Instructions to follow — Check each line of the records for "units"; collect those that have it.

Available data —

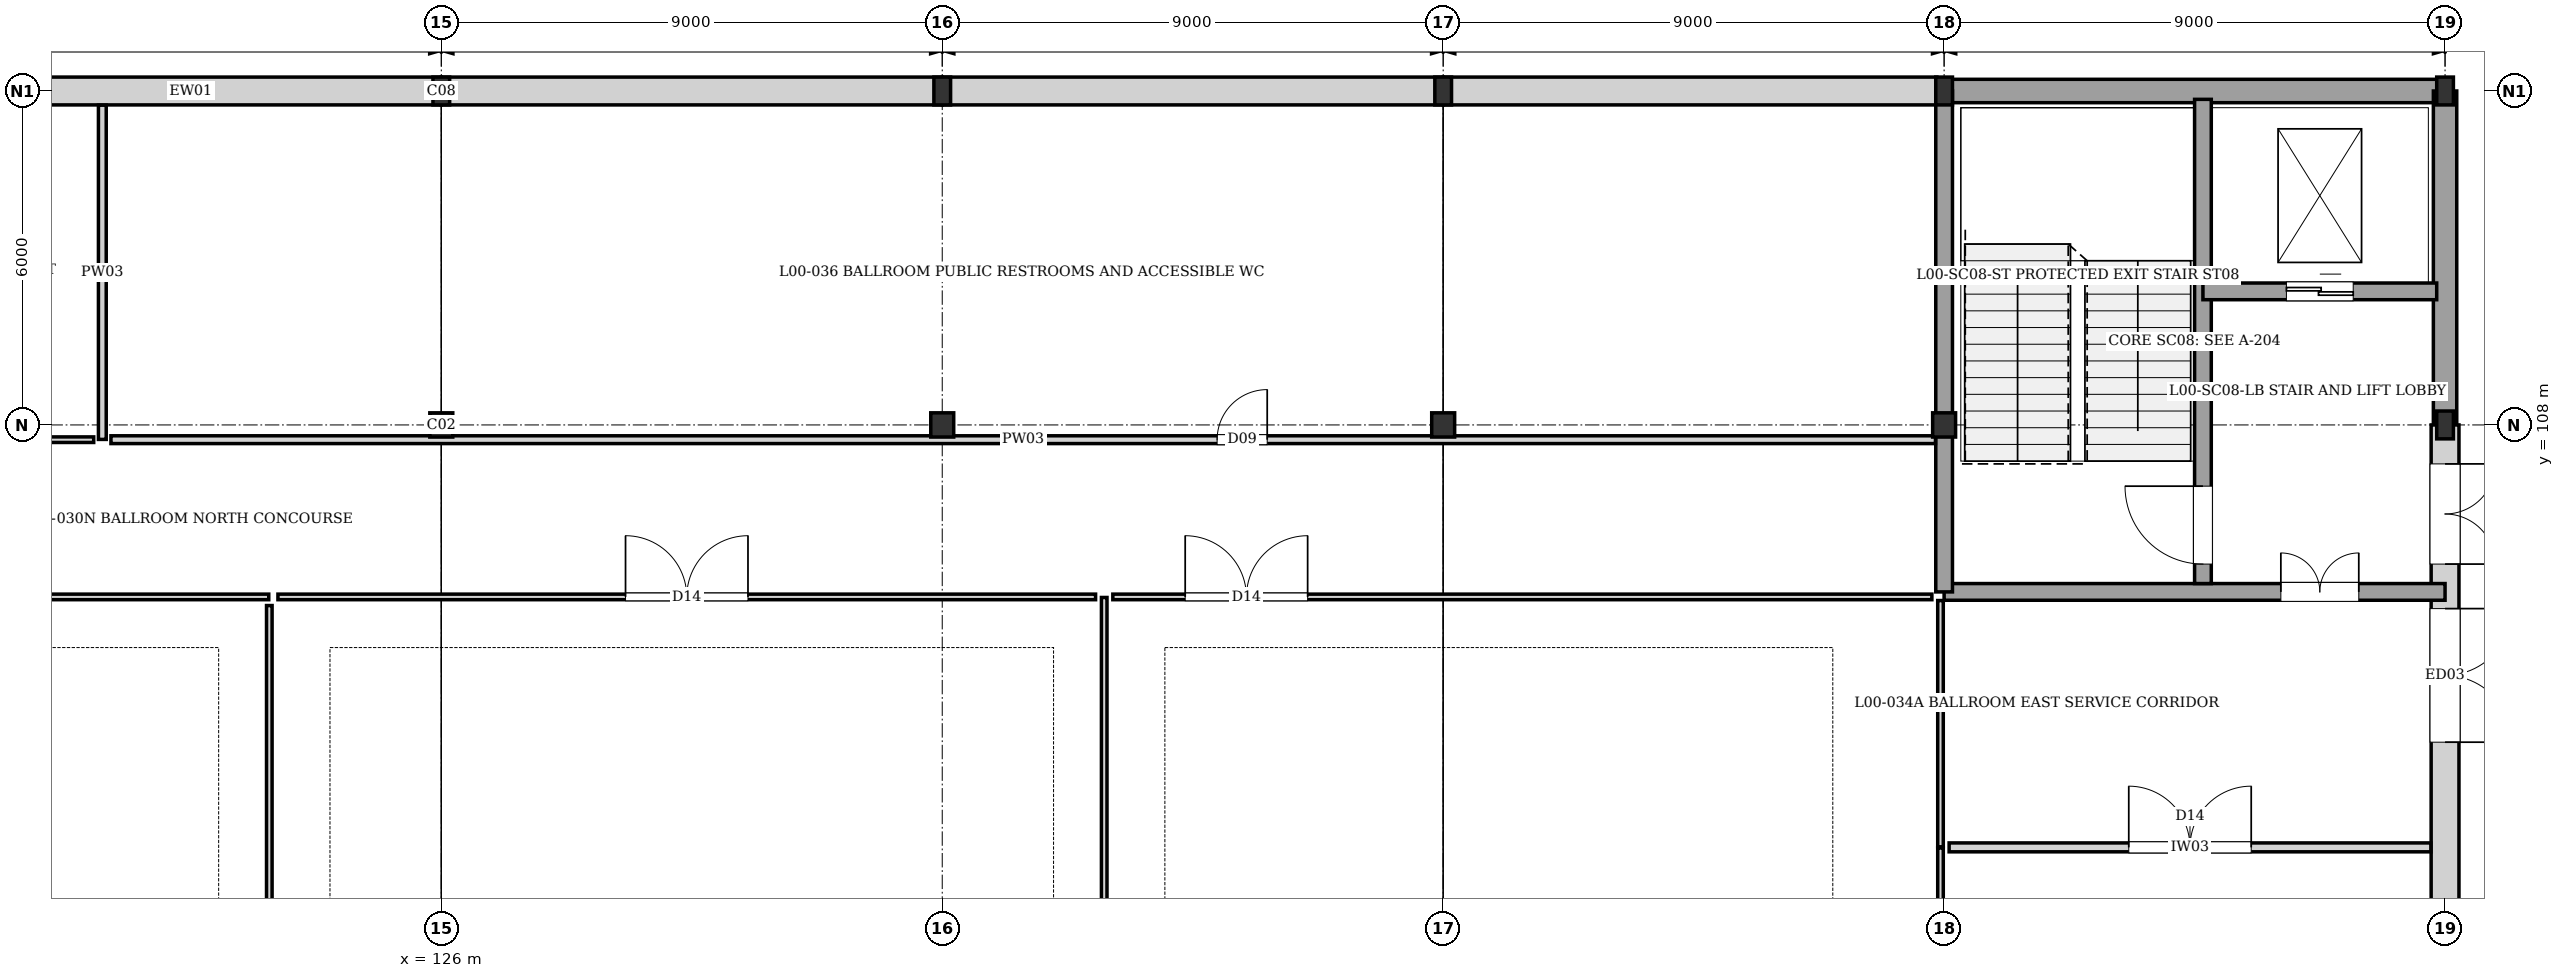
"""IFC4 building model, lengths in metres.
Left out: names, types, materials, properties, quantities, classifications, styles, units other than length and angle.
Written with IfcOpenShell. Run it as: python <this file> out.ifc"""

import sys

from ifc_helpers import new_model, si_unit, direction, frame, frame_2d, origin, origin_2d, place, context, subcontext, project, spatial, rectangle, i_section, extrude, element, fill, save


model = new_model("IFC4")
c1 = context("Model", 3, precision=1e-05, world=origin(), true_north=direction((0.0, 1.0)))
c2 = subcontext(c1, "Body", "Model", "MODEL_VIEW")
j1 = project(units=[si_unit("LENGTHUNIT", "METRE"), si_unit("PLANEANGLEUNIT", "RADIAN")], contexts=[c1])
p1 = place(None, origin())
s1 = spatial("IfcSite", under=j1, at=p1, CompositionType="ELEMENT")
p2 = place(p1, origin())
s2 = spatial("IfcBuilding", under=s1, at=p2, CompositionType="ELEMENT")
p3 = place(p2, origin())
s3 = spatial("IfcBuildingStorey", under=s2, at=p3, CompositionType="ELEMENT", Elevation=0.0)
p4 = place(p3, frame((126.0, 108.0, 0.0), z_axis=(0.0, 0.0, 1.0), x_axis=(1.0, 0.0, 0.0)))
e1 = element("IfcColumn", 1, at=p4, inside=s3, PredefinedType="COLUMN", context=c2, shape_type="SweptSolid", body=[
    extrude(i_section(OverallWidth=0.412, OverallDepth=0.435, WebThickness=0.027, FlangeThickness=0.046, at=origin_2d()), origin(), (0.0, 0.0, 1.0), 4.32),
])
p5 = place(p3, frame((126.0, 114.0, 0.0), z_axis=(0.0, 0.0, 1.0), x_axis=(1.0, 0.0, 0.0)))
e2 = element("IfcColumn", 2, at=p5, inside=s3, PredefinedType="COLUMN", context=c2, shape_type="SweptSolid", body=[
    extrude(i_section(OverallWidth=0.3, OverallDepth=0.5, WebThickness=0.014, FlangeThickness=0.028, at=origin_2d()), origin(), (0.0, 0.0, 1.0), 4.32),
])
p6 = place(p3, frame((135.0, 108.0, 0.0), z_axis=(0.0, 0.0, 1.0), x_axis=(1.0, 0.0, 0.0)))
e3 = element("IfcColumn", 3, at=p6, inside=s3, PredefinedType="COLUMN", context=c2, shape_type="SweptSolid", body=[
    extrude(i_section(OverallWidth=0.412, OverallDepth=0.435, WebThickness=0.027, FlangeThickness=0.046, at=origin_2d()), origin(), (0.0, 0.0, 1.0), 4.32),
])
p7 = place(p3, frame((135.0, 114.0, 0.0), z_axis=(0.0, 0.0, 1.0), x_axis=(1.0, 0.0, 0.0)))
e4 = element("IfcColumn", 4, at=p7, inside=s3, PredefinedType="COLUMN", context=c2, shape_type="SweptSolid", body=[
    extrude(i_section(OverallWidth=0.3, OverallDepth=0.5, WebThickness=0.014, FlangeThickness=0.028, at=origin_2d()), origin(), (0.0, 0.0, 1.0), 4.32),
])
p8 = place(p3, frame((144.0, 108.0, 0.0), z_axis=(0.0, 0.0, 1.0), x_axis=(1.0, 0.0, 0.0)))
e5 = element("IfcColumn", 5, at=p8, inside=s3, PredefinedType="COLUMN", context=c2, shape_type="SweptSolid", body=[
    extrude(i_section(OverallWidth=0.412, OverallDepth=0.435, WebThickness=0.027, FlangeThickness=0.046, at=origin_2d()), origin(), (0.0, 0.0, 1.0), 4.32),
])
p9 = place(p3, frame((144.0, 114.0, 0.0), z_axis=(0.0, 0.0, 1.0), x_axis=(1.0, 0.0, 0.0)))
e6 = element("IfcColumn", 6, at=p9, inside=s3, PredefinedType="COLUMN", context=c2, shape_type="SweptSolid", body=[
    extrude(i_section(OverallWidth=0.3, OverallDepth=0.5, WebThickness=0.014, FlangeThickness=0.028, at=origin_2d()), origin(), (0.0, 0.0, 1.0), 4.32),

Expected output —
Left out: names, types, materials, properties, quantities, classifications, styles, units other than length and angle.
j1 = project(units=[si_unit("LENGTHUNIT", "METRE"), si_unit("PLANEANGLEUNIT", "RADIAN")], contexts=[c1])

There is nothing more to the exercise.